*What the task requires*:
Using the records below, quote only the span that opens with the line containing "#34=EDGE_CURVE('',#20,#28,#33,.T.);" and closes with the line containing "#53=VERTEX_POINT('',#52);", exactly and inclusively.

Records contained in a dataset
BEGIN
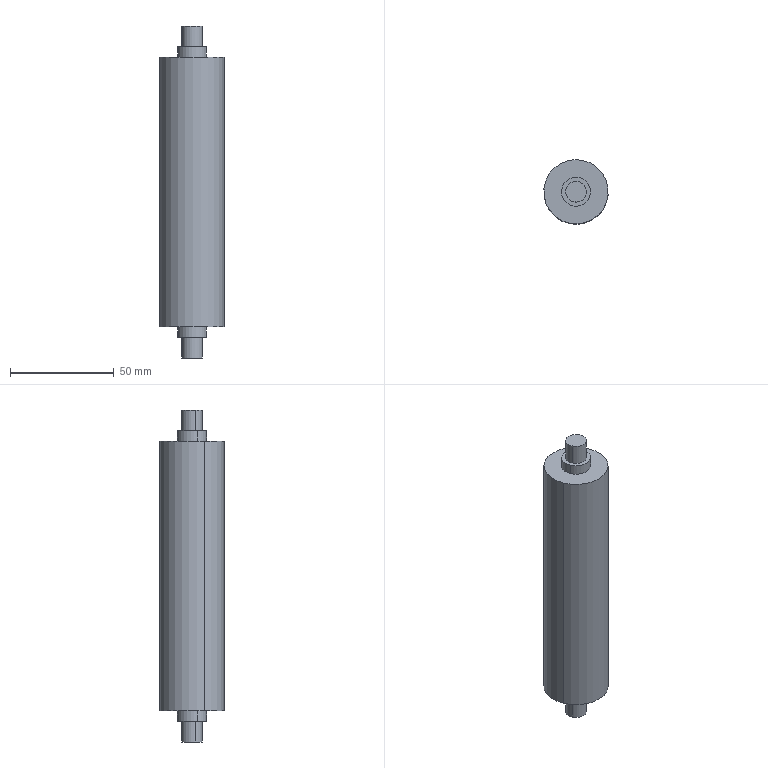Component | SolidWorks | RubberRoller.1-1 | 1 solid | 16 faces | box 31 x 31 x 160 mm | volume 101230 mm3 | cylinder 10 | plane 6 | commonest cylinder face diameters 14 x4 10 x4 31 x2
build123d program:
from build123d import *

# Parameters (mm, degrees)
SKETCH1_2_R         = 16
BOSS_EXTRUDE1_DEPTH = 65
SKETCH2_R           = 7
BOSS_EXTRUDE2_DEPTH = 70
SKETCH4_R           = 5
BOSS_EXTRUDE4_DEPTH = 80
SKETCH1_R           = 17.5
SKETCH1_R_2         = 15.5
CUT_EXTRUDE1_DEPTH  = 70


with BuildPart() as part:
    # Sketch1_2 → Boss-Extrude1 (new, symmetric)
    with BuildSketch(Plane.XY):
        Circle(SKETCH1_2_R)
    extrude(amount=BOSS_EXTRUDE1_DEPTH, both=True)

    # Sketch2 → Boss-Extrude2 (add, symmetric)
    with BuildSketch(Plane.XY):
        Circle(SKETCH2_R)
    extrude(amount=BOSS_EXTRUDE2_DEPTH, both=True)

    # Sketch4 → Boss-Extrude4 (add, symmetric)
    with BuildSketch(Plane.XY):
        Circle(SKETCH4_R)
    extrude(amount=BOSS_EXTRUDE4_DEPTH, both=True)

    # Sketch1 → Cut-Extrude1 (cut, symmetric)
    with BuildSketch(Plane.XY):
        Circle(SKETCH1_R)
        Circle(SKETCH1_R_2, mode=Mode.SUBTRACT)
    extrude(amount=CUT_EXTRUDE1_DEPTH, both=True, mode=Mode.SUBTRACT)


solid = part.part

# Placed as in the assembly
solid = solid.moved(Location((40.5, 166.5, 0), (0, 0, 0)))
STEP:
#1=COLOUR_RGB('',0.7922,0.8196,0.9333);
#2=FILL_AREA_STYLE_COLOUR('',#1);
#3=FILL_AREA_STYLE('',(#2));
#4=SURFACE_STYLE_FILL_AREA(#3);
#5=SURFACE_SIDE_STYLE('',(#4));
#6=SURFACE_STYLE_USAGE(.BOTH.,#5);
#7=PRESENTATION_STYLE_ASSIGNMENT((#6));
#8=CARTESIAN_POINT('',(1.34,6.45,2.559));
#9=VERTEX_POINT('',#8);
#10=CARTESIAN_POINT('',(1.849,6.661,2.559));
#11=VERTEX_POINT('',#10);
#12=CARTESIAN_POINT('',(1.594,6.555,2.559));
#13=DIRECTION('',(0.,0.,1.));
#14=DIRECTION('',(0.9237,0.383,0.));
#15=AXIS2_PLACEMENT_3D('',#12,#13,#14);
#16=CIRCLE('',#15,0.2756);
#17=EDGE_CURVE('',#9,#11,#16,.T.);
#18=ORIENTED_EDGE('',*,*,#17,.T.);
#19=CARTESIAN_POINT('',(1.849,6.661,2.756));
#20=VERTEX_POINT('',#19);
#21=CARTESIAN_POINT('',(1.849,6.661,-2.756));
#22=DIRECTION('',(0.,0.,1.));
#23=VECTOR('',#22,39.37);
#24=LINE('',#21,#23);
#25=EDGE_CURVE('',#11,#20,#24,.T.);
#26=ORIENTED_EDGE('',*,*,#25,.T.);
#27=CARTESIAN_POINT('',(1.34,6.45,2.756));
#28=VERTEX_POINT('',#27);
#29=CARTESIAN_POINT('',(1.594,6.555,2.756));
#30=DIRECTION('',(0.,0.,-1.));
#31=DIRECTION('',(0.9237,0.383,0.));
#32=AXIS2_PLACEMENT_3D('',#29,#30,#31);
#33=CIRCLE('',#32,0.2756);
#34=EDGE_CURVE('',#20,#28,#33,.T.);
#35=ORIENTED_EDGE('',*,*,#34,.T.);
#36=CARTESIAN_POINT('',(1.34,6.45,-2.756));
#37=DIRECTION('',(0.,0.,1.));
#38=VECTOR('',#37,39.37);
#39=LINE('',#36,#38);
#40=EDGE_CURVE('',#9,#28,#39,.T.);
#41=ORIENTED_EDGE('',*,*,#40,.F.);
#42=EDGE_LOOP('',(#18,#26,#35,#41));
#43=FACE_OUTER_BOUND('',#42,.T.);
#44=CARTESIAN_POINT('',(1.594,6.555,-2.756));
#45=DIRECTION('',(0.,0.,1.));
#46=DIRECTION('',(-0.9237,-0.383,0.));
#47=AXIS2_PLACEMENT_3D('',#44,#45,#46);
#48=CYLINDRICAL_SURFACE('',#47,0.2756);
#49=ADVANCED_FACE('',(#43),#48,.T.);
#50=CARTESIAN_POINT('',(1.413,6.48,2.756));
#51=VERTEX_POINT('',#50);
#52=CARTESIAN_POINT('',(1.776,6.631,2.756));
#53=VERTEX_POINT('',#52);
#54=CARTESIAN_POINT('',(1.594,6.555,2.756));
#55=DIRECTION('',(0.,0.,1.));
#56=DIRECTION('',(0.9237,0.383,0.));
#57=AXIS2_PLACEMENT_3D('',#54,#55,#56);
#58=CIRCLE('',#57,0.1969);
#59=EDGE_CURVE('',#51,#53,#58,.T.);
#60=ORIENTED_EDGE('',*,*,#59,.T.);
#61=CARTESIAN_POINT('',(1.776,6.631,3.15));
#62=VERTEX_POINT('',#61);
#63=CARTESIAN_POINT('',(1.776,6.631,-3.15));
#64=DIRECTION('',(0.,0.,1.));
#65=VECTOR('',#64,39.37);
#66=LINE('',#63,#65);
#67=EDGE_CURVE('',#53,#62,#66,.T.);
#68=ORIENTED_EDGE('',*,*,#67,.T.);
#69=CARTESIAN_POINT('',(1.413,6.48,3.15));
#70=VERTEX_POINT('',#69);
#71=CARTESIAN_POINT('',(1.594,6.555,3.15));
#72=DIRECTION('',(0.,0.,-1.));
#73=DIRECTION('',(0.9237,0.383,0.));
#74=AXIS2_PLACEMENT_3D('',#71,#72,#73);
#75=CIRCLE('',#74,0.1969);
#76=EDGE_CURVE('',#62,#70,#75,.T.);
#77=ORIENTED_EDGE('',*,*,#76,.T.);
#78=CARTESIAN_POINT('',(1.413,6.48,-3.15));
#79=DIRECTION('',(0.,0.,1.));
#80=VECTOR('',#79,39.37);
#81=LINE('',#78,#80);
#82=EDGE_CURVE('',#51,#70,#81,.T.);
#83=ORIENTED_EDGE('',*,*,#82,.F.);
#84=EDGE_LOOP('',(#60,#68,#77,#83));
#85=FACE_OUTER_BOUND('',#84,.T.);
#86=CARTESIAN_POINT('',(1.594,6.555,-3.15));
#87=DIRECTION('',(0.,0.,1.));
#88=DIRECTION('',(-0.9237,-0.383,0.));
#89=AXIS2_PLACEMENT_3D('',#86,#87,#88);
#90=CYLINDRICAL_SURFACE('',#89,0.1969);
#91=ADVANCED_FACE('',(#85),#90,.T.);
#92=CARTESIAN_POINT('',(2.158,6.789,2.559));
#93=VERTEX_POINT('',#92);
#94=CARTESIAN_POINT('',(1.031,6.321,2.559));
#95=VERTEX_POINT('',#94);
#96=CARTESIAN_POINT('',(1.594,6.555,2.559));
#97=DIRECTION('',(0.,0.,-1.));
#98=DIRECTION('',(0.9237,0.383,0.));
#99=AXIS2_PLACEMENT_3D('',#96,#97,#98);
END
*Answer space*:
#34=EDGE_CURVE('',#20,#28,#33,.T.);
#35=ORIENTED_EDGE('',*,*,#34,.T.);
#36=CARTESIAN_POINT('',(1.34,6.45,-2.756));
#37=DIRECTION('',(0.,0.,1.));
#38=VECTOR('',#37,39.37);
#39=LINE('',#36,#38);
#40=EDGE_CURVE('',#9,#28,#39,.T.);
#41=ORIENTED_EDGE('',*,*,#40,.F.);
#42=EDGE_LOOP('',(#18,#26,#35,#41));
#43=FACE_OUTER_BOUND('',#42,.T.);
#44=CARTESIAN_POINT('',(1.594,6.555,-2.756));
#45=DIRECTION('',(0.,0.,1.));
#46=DIRECTION('',(-0.9237,-0.383,0.));
#47=AXIS2_PLACEMENT_3D('',#44,#45,#46);
#48=CYLINDRICAL_SURFACE('',#47,0.2756);
#49=ADVANCED_FACE('',(#43),#48,.T.);
#50=CARTESIAN_POINT('',(1.413,6.48,2.756));
#51=VERTEX_POINT('',#50);
#52=CARTESIAN_POINT('',(1.776,6.631,2.756));
#53=VERTEX_POINT('',#52);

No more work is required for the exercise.